WORK ORDER:
Whenever a line in the following entries includes "SHEAR", tally it. Report nothing except the final count.

Records from a data source:

************

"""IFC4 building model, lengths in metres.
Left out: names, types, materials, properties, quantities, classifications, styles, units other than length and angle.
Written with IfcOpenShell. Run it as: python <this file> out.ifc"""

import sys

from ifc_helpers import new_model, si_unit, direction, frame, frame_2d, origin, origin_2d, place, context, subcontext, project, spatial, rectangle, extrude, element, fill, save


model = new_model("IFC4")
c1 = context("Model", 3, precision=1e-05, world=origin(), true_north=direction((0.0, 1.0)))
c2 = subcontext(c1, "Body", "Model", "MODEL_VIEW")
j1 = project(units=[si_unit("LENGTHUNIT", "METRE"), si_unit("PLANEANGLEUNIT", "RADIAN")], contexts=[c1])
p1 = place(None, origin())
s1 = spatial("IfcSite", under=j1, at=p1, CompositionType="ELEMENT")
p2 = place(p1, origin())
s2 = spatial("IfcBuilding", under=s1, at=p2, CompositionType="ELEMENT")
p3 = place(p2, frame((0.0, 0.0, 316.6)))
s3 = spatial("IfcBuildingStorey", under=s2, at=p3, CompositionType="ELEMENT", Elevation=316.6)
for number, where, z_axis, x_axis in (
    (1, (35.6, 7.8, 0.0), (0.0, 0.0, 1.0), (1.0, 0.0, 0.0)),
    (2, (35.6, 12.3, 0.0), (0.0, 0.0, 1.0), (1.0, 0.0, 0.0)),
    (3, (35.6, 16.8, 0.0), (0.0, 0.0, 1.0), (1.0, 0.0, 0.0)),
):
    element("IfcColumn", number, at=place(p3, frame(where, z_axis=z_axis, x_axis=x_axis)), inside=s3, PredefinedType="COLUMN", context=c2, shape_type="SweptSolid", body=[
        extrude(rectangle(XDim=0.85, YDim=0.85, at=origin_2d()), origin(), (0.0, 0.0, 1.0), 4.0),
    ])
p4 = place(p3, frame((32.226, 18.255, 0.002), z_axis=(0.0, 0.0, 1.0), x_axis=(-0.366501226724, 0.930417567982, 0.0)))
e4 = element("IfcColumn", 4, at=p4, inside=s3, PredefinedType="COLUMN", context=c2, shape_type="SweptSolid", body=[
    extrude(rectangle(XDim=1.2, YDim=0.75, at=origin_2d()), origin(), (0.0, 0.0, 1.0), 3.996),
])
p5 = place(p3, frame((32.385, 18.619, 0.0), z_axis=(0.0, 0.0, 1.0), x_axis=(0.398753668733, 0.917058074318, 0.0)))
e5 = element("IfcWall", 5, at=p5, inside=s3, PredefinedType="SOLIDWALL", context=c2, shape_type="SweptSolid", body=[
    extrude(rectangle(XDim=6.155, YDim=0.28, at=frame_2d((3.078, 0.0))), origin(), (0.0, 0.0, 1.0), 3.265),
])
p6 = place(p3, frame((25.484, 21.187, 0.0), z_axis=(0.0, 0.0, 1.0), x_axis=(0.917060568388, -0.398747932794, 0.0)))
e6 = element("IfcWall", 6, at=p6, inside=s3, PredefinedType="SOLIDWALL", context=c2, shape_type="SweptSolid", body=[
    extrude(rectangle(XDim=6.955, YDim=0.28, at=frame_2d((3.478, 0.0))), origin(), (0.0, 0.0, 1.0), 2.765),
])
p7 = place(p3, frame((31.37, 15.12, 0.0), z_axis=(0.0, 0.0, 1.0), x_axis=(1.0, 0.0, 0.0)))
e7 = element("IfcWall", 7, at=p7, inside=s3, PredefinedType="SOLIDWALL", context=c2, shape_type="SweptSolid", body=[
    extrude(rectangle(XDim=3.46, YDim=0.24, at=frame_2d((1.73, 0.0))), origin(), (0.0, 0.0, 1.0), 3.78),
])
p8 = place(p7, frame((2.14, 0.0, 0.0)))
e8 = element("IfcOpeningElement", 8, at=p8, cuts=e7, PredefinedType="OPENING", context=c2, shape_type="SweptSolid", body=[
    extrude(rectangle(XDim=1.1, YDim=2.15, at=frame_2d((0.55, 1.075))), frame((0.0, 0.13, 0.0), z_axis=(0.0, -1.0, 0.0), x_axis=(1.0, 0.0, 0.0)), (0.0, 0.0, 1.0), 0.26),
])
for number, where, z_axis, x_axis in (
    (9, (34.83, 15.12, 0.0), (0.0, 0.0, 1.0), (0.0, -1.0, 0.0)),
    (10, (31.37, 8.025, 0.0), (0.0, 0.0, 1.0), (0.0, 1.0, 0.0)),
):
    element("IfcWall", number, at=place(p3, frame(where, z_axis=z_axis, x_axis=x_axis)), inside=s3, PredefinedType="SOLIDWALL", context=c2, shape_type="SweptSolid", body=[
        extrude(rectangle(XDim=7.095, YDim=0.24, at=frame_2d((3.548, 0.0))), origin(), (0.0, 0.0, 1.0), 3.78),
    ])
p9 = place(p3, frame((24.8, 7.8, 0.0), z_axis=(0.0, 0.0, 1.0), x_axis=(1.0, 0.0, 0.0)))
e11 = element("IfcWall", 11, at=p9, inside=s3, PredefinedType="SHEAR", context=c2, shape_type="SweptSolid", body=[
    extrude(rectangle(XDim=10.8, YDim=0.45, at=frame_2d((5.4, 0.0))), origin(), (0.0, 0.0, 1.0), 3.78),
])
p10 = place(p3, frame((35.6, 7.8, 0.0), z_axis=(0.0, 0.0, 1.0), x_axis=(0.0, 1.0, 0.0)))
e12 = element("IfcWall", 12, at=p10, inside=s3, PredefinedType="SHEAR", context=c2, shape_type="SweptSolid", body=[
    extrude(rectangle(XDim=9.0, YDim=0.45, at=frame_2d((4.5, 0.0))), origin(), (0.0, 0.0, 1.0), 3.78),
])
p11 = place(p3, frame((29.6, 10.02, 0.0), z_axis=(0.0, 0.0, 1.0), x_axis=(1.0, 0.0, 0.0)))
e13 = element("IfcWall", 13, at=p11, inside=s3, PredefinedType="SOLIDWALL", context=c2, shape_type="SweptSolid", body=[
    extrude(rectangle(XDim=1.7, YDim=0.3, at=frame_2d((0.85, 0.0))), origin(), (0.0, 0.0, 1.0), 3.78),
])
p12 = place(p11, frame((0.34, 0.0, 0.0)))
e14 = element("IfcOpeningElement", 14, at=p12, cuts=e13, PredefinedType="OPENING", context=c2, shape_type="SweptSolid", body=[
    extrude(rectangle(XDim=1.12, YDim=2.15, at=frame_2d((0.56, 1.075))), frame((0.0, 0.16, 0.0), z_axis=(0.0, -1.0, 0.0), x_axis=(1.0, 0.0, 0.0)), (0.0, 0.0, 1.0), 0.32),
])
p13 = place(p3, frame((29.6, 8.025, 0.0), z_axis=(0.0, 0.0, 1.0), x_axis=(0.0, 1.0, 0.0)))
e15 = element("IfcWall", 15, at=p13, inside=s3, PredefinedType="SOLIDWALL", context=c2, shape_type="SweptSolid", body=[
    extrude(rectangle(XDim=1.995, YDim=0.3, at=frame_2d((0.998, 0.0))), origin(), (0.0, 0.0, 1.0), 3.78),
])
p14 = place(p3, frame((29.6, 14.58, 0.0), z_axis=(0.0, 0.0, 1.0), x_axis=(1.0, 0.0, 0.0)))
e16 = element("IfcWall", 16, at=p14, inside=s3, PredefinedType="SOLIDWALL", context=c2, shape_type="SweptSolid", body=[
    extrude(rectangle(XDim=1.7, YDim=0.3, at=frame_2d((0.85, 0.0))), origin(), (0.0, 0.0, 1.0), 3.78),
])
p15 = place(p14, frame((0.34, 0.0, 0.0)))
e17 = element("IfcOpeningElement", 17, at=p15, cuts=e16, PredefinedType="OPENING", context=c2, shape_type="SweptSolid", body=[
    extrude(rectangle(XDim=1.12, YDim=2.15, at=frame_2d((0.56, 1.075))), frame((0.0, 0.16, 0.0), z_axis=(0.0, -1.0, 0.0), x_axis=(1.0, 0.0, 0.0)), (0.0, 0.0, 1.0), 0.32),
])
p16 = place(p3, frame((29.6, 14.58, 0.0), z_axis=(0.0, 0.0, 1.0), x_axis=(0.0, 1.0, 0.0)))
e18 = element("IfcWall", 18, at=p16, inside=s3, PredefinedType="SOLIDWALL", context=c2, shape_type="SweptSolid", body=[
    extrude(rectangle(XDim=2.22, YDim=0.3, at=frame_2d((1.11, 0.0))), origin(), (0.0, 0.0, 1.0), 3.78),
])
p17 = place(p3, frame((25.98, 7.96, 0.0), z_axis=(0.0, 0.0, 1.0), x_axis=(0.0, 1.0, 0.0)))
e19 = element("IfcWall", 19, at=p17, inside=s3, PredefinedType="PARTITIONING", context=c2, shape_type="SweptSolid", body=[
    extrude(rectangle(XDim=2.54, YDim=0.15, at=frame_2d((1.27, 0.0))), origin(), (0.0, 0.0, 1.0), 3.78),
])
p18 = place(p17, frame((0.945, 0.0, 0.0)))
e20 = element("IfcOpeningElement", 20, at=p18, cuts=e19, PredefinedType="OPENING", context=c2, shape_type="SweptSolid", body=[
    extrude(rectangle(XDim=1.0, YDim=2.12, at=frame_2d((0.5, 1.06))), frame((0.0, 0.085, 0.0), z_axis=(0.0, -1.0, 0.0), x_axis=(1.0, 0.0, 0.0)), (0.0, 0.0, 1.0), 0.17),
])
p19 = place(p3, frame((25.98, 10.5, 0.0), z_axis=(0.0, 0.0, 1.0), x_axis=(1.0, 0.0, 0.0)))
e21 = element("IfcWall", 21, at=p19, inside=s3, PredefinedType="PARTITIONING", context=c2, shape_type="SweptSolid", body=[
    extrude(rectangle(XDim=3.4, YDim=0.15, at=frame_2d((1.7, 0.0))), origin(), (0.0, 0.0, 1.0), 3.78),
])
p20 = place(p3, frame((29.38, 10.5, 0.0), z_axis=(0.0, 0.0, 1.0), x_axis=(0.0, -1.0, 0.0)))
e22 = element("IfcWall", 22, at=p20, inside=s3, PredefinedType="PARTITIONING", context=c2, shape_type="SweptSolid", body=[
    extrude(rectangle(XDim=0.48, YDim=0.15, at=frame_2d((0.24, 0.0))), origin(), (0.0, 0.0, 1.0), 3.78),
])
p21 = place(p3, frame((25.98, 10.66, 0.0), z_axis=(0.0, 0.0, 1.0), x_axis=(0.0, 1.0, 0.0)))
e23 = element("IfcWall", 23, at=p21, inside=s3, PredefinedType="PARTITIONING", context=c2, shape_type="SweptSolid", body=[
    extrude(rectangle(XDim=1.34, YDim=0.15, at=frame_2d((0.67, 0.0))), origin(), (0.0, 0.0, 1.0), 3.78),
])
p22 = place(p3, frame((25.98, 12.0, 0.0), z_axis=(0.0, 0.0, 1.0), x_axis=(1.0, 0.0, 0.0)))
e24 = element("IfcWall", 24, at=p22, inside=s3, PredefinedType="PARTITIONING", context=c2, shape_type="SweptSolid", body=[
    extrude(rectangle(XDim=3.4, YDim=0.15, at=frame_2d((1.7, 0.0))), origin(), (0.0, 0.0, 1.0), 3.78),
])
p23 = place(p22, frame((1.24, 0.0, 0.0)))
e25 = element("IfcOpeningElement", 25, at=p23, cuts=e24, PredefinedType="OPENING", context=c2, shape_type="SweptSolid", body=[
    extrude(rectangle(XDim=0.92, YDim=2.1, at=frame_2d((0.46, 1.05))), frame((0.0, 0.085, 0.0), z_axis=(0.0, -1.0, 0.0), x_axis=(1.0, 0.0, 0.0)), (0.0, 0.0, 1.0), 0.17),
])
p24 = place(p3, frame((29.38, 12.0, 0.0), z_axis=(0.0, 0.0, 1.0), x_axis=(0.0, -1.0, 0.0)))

************

SOLUTION TO THE PROBLEM:
2